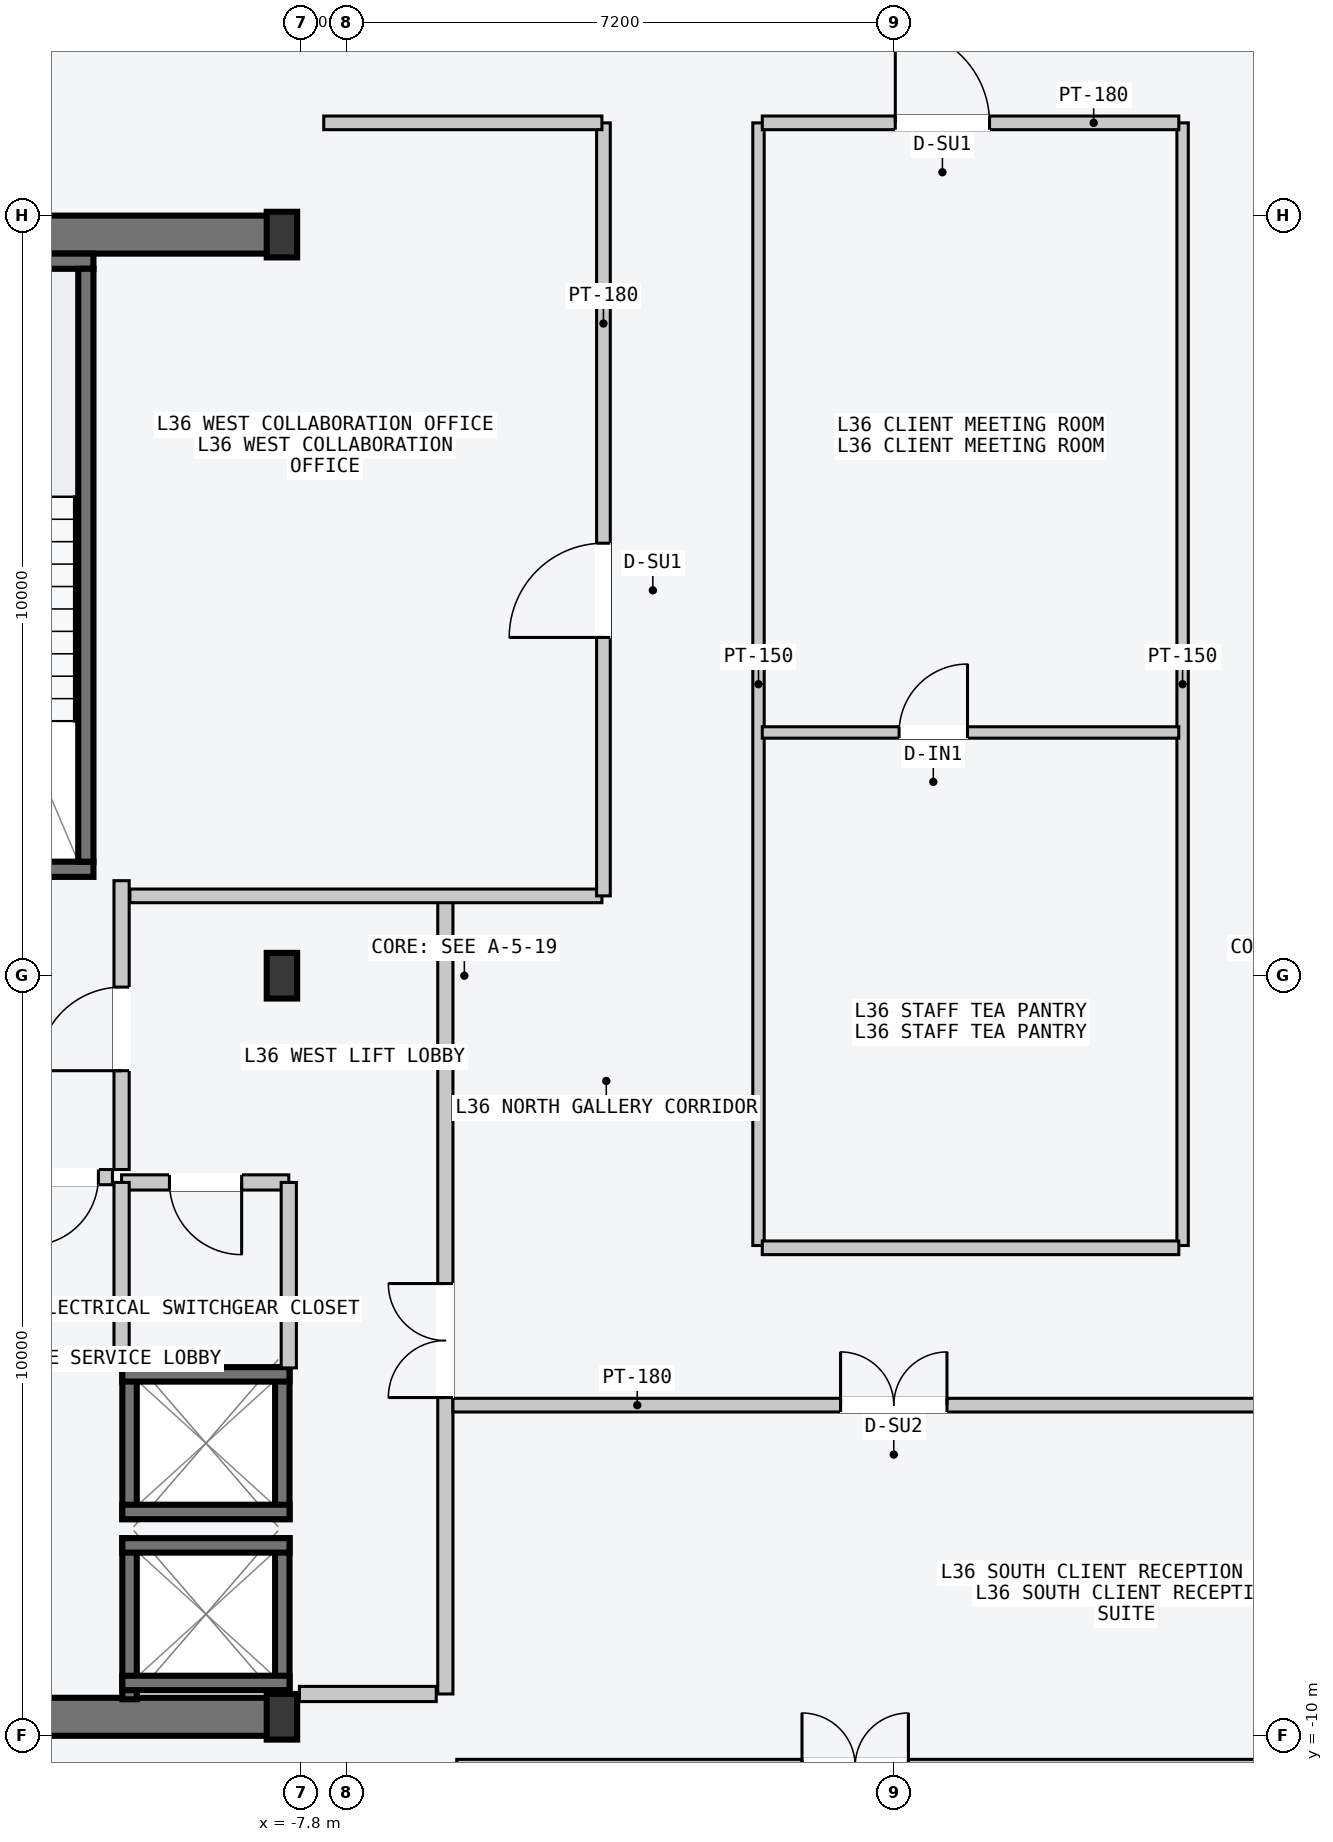
"""IFC4 building model, lengths in metres.
Left out: names, types, materials, properties, quantities, classifications, styles, units other than length and angle.
Written with IfcOpenShell. Run it as: python <this file> out.ifc"""

import sys

from ifc_helpers import new_model, si_unit, direction, frame, frame_2d, origin, origin_2d, place, context, subcontext, project, spatial, rectangle, i_section, extrude, element, fill, save


model = new_model("IFC4")
c1 = context("Model", 3, precision=1e-05, world=origin(), true_north=direction((0.0, 1.0)))
c2 = subcontext(c1, "Body", "Model", "MODEL_VIEW")
j1 = project(units=[si_unit("LENGTHUNIT", "METRE"), si_unit("PLANEANGLEUNIT", "RADIAN")], contexts=[c1])
p1 = place(None, origin())
s1 = spatial("IfcSite", under=j1, at=p1, CompositionType="ELEMENT")
p2 = place(p1, origin())
s2 = spatial("IfcBuilding", under=s1, at=p2, CompositionType="ELEMENT")
p3 = place(p2, frame((0.0, 0.0, 138.6)))
s3 = spatial("IfcBuildingStorey", under=s2, at=p3, CompositionType="ELEMENT", Elevation=138.6)
for number, where, z_axis, x_axis in (
    (1, (-14.53, -9.75, -0.2), (0.0, 0.0, 1.0), (1.0, 0.0, 0.0)),
    (2, (-14.53, 9.75, -0.2), (0.0, 0.0, 1.0), (1.0, 0.0, 0.0)),
):
    element("IfcWall", number, at=place(p3, frame(where, z_axis=z_axis, x_axis=x_axis)), inside=s3, PredefinedType="SHEAR", context=c2, shape_type="SweptSolid", body=[
        extrude(rectangle(XDim=6.46, YDim=0.5, at=frame_2d((3.23, 0.0))), origin(), (0.0, 0.0, 1.0), 3.6),
    ])
p4 = place(p3, frame((-14.25, 1.4, -0.2), z_axis=(0.0, 0.0, 1.0), x_axis=(1.0, 0.0, 0.0)))
e3 = element("IfcWall", 3, at=p4, inside=s3, PredefinedType="SOLIDWALL", context=c2, shape_type="SweptSolid", body=[
    extrude(rectangle(XDim=3.72, YDim=0.2, at=frame_2d((1.86, 0.0))), origin(), (0.0, 0.0, 1.0), 3.6),
])
p5 = place(p4, frame((1.5, 0.0, 0.2)))
e4 = element("IfcOpeningElement", 4, at=p5, cuts=e3, PredefinedType="OPENING", context=c2, shape_type="SweptSolid", body=[
    extrude(rectangle(XDim=1.12, YDim=2.18, at=frame_2d((0.56, 1.09))), frame((0.0, 0.11, 0.0), z_axis=(0.0, -1.0, 0.0), x_axis=(1.0, 0.0, 0.0)), (0.0, 0.0, 1.0), 0.22),
])
p6 = place(p3, frame((-14.25, 9.4, -0.2), z_axis=(0.0, 0.0, 1.0), x_axis=(1.0, 0.0, 0.0)))
e5 = element("IfcWall", 5, at=p6, inside=s3, PredefinedType="SOLIDWALL", context=c2, shape_type="SweptSolid", body=[
    extrude(rectangle(XDim=3.72, YDim=0.2, at=frame_2d((1.86, 0.0))), origin(), (0.0, 0.0, 1.0), 3.6),
])
p7 = place(p3, frame((-10.63, 1.5, -0.2), z_axis=(0.0, 0.0, 1.0), x_axis=(0.0, 1.0, 0.0)))
e6 = element("IfcWall", 6, at=p7, inside=s3, PredefinedType="SOLIDWALL", context=c2, shape_type="SweptSolid", body=[
    extrude(rectangle(XDim=7.8, YDim=0.2, at=frame_2d((3.9, 0.0))), origin(), (0.0, 0.0, 1.0), 3.6),
])
for number, where, z_axis, x_axis in (
    (7, (-8.05, -9.75, 0.0), (0.0, 0.0, 1.0), (1.0, 0.0, 0.0)),
    (8, (-8.05, 0.0, 0.0), (0.0, 0.0, 1.0), (1.0, 0.0, 0.0)),
    (9, (-8.05, 9.75, 0.0), (0.0, 0.0, 1.0), (1.0, 0.0, 0.0)),
):
    element("IfcColumn", number, at=place(p3, frame(where, z_axis=z_axis, x_axis=x_axis)), inside=s3, PredefinedType="COLUMN", context=c2, shape_type="SweptSolid", body=[
        extrude(i_section(OverallWidth=0.4, OverallDepth=0.6, WebThickness=0.022, FlangeThickness=0.036, at=origin_2d()), origin(), (0.0, 0.0, 1.0), 3.6),
    ])
for number, where, z_axis, x_axis in (
    (10, (-8.045, -9.52, -0.2), (0.0, 0.0, 1.0), (0.0, 1.0, 0.0)),
    (11, (-10.055, -9.52, -0.2), (0.0, 0.0, 1.0), (0.0, 1.0, 0.0)),
):
    element("IfcWall", number, at=place(p3, frame(where, z_axis=z_axis, x_axis=x_axis)), inside=s3, PredefinedType="SOLIDWALL", context=c2, shape_type="SweptSolid", body=[
        extrude(rectangle(XDim=2.12, YDim=0.19, at=frame_2d((1.06, 0.0))), origin(), (0.0, 0.0, 1.0), 3.6),
    ])
for number, where, z_axis, x_axis in (
    (12, (-10.15, -7.495, -0.2), (0.0, 0.0, 1.0), (1.0, 0.0, 0.0)),
    (13, (-10.15, -9.305, -0.2), (0.0, 0.0, 1.0), (1.0, 0.0, 0.0)),
):
    element("IfcWall", number, at=place(p3, frame(where, z_axis=z_axis, x_axis=x_axis)), inside=s3, PredefinedType="SOLIDWALL", context=c2, shape_type="SweptSolid", body=[
        extrude(rectangle(XDim=2.2, YDim=0.19, at=frame_2d((1.1, 0.0))), origin(), (0.0, 0.0, 1.0), 3.6),
    ])
for number, where, z_axis, x_axis in (
    (14, (-8.045, -7.15, -0.2), (0.0, 0.0, 1.0), (0.0, 1.0, 0.0)),
    (15, (-10.055, -7.15, -0.2), (0.0, 0.0, 1.0), (0.0, 1.0, 0.0)),
):
    element("IfcWall", number, at=place(p3, frame(where, z_axis=z_axis, x_axis=x_axis)), inside=s3, PredefinedType="SOLIDWALL", context=c2, shape_type="SweptSolid", body=[
        extrude(rectangle(XDim=2.0, YDim=0.19, at=frame_2d((1.0, 0.0))), origin(), (0.0, 0.0, 1.0), 3.6),
    ])
for number, where, z_axis, x_axis in (
    (16, (-10.15, -5.245, -0.2), (0.0, 0.0, 1.0), (1.0, 0.0, 0.0)),
    (17, (-10.15, -7.055, -0.2), (0.0, 0.0, 1.0), (1.0, 0.0, 0.0)),
):
    element("IfcWall", number, at=place(p3, frame(where, z_axis=z_axis, x_axis=x_axis)), inside=s3, PredefinedType="SOLIDWALL", context=c2, shape_type="SweptSolid", body=[
        extrude(rectangle(XDim=2.2, YDim=0.19, at=frame_2d((1.1, 0.0))), origin(), (0.0, 0.0, 1.0), 3.6),
    ])
p8 = place(p3, frame((-5.9, -9.45, 0.0), z_axis=(0.0, 0.0, 1.0), x_axis=(0.0, 1.0, 0.0)))
e18 = element("IfcWall", 18, at=p8, inside=s3, PredefinedType="PARTITIONING", context=c2, shape_type="SweptSolid", body=[
    extrude(rectangle(XDim=10.5, YDim=0.2, at=frame_2d((5.25, 0.0))), origin(), (0.0, 0.0, 1.0), 3.4),
])
p9 = place(p8, frame((3.9, 0.0, 0.0)))
e19 = element("IfcOpeningElement", 19, at=p9, cuts=e18, PredefinedType="OPENING", context=c2, shape_type="SweptSolid", body=[
    extrude(rectangle(XDim=1.5, YDim=2.2, at=frame_2d((0.75, 1.1))), frame((0.0, 0.11, 0.0), z_axis=(0.0, -1.0, 0.0), x_axis=(1.0, 0.0, 0.0)), (0.0, 0.0, 1.0), 0.22),
])
p10 = place(p3, frame((-6.02, -9.45, 0.0), z_axis=(0.0, 0.0, 1.0), x_axis=(-1.0, 0.0, 0.0)))
e20 = element("IfcWall", 20, at=p10, inside=s3, PredefinedType="PARTITIONING", context=c2, shape_type="SweptSolid", body=[
    extrude(rectangle(XDim=1.8, YDim=0.2, at=frame_2d((0.9, 0.0))), origin(), (0.0, 0.0, 1.0), 3.4),
])
p11 = place(p3, frame((-10.16, -2.55, 0.0), z_axis=(0.0, 0.0, 1.0), x_axis=(0.0, 1.0, 0.0)))
e21 = element("IfcWall", 21, at=p11, inside=s3, PredefinedType="PARTITIONING", context=c2, shape_type="SweptSolid", body=[
    extrude(rectangle(XDim=3.8, YDim=0.2, at=frame_2d((1.9, 0.0))), origin(), (0.0, 0.0, 1.0), 3.4),
])
p12 = place(p11, frame((1.3, 0.0, 0.0)))
e22 = element("IfcOpeningElement", 22, at=p12, cuts=e21, PredefinedType="OPENING", context=c2, shape_type="SweptSolid", body=[
    extrude(rectangle(XDim=1.1, YDim=2.15, at=frame_2d((0.55, 1.075))), frame((0.0, 0.11, 0.0), z_axis=(0.0, -1.0, 0.0), x_axis=(1.0, 0.0, 0.0)), (0.0, 0.0, 1.0), 0.22),
])
p13 = place(p3, frame((-10.28, -2.65, 0.0), z_axis=(0.0, 0.0, 1.0), x_axis=(-1.0, 0.0, 0.0)))
e23 = element("IfcWall", 23, at=p13, inside=s3, PredefinedType="PARTITIONING", context=c2, shape_type="SweptSolid", body=[
    extrude(rectangle(XDim=1.27, YDim=0.2, at=frame_2d((0.635, 0.0))), origin(), (0.0, 0.0, 1.0), 3.4),
])
p14 = place(p13, frame((0.185, 0.0, 0.0)))
e24 = element("IfcOpeningElement", 24, at=p14, cuts=e23, PredefinedType="OPENING", context=c2, shape_type="SweptSolid", body=[
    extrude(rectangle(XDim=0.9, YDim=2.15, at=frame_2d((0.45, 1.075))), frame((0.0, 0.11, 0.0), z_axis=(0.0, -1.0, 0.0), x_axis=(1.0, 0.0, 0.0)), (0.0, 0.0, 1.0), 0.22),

================

• [TASK STATEMENT] Show each line from the material above where the string "PARTITIONING" can be found.

• [YOUR RESPONSE]
e18 = element("IfcWall", 18, at=p8, inside=s3, PredefinedType="PARTITIONING", context=c2, shape_type="SweptSolid", body=[
e20 = element("IfcWall", 20, at=p10, inside=s3, PredefinedType="PARTITIONING", context=c2, shape_type="SweptSolid", body=[
e21 = element("IfcWall", 21, at=p11, inside=s3, PredefinedType="PARTITIONING", context=c2, shape_type="SweptSolid", body=[
e23 = element("IfcWall", 23, at=p13, inside=s3, PredefinedType="PARTITIONING", context=c2, shape_type="SweptSolid", body=[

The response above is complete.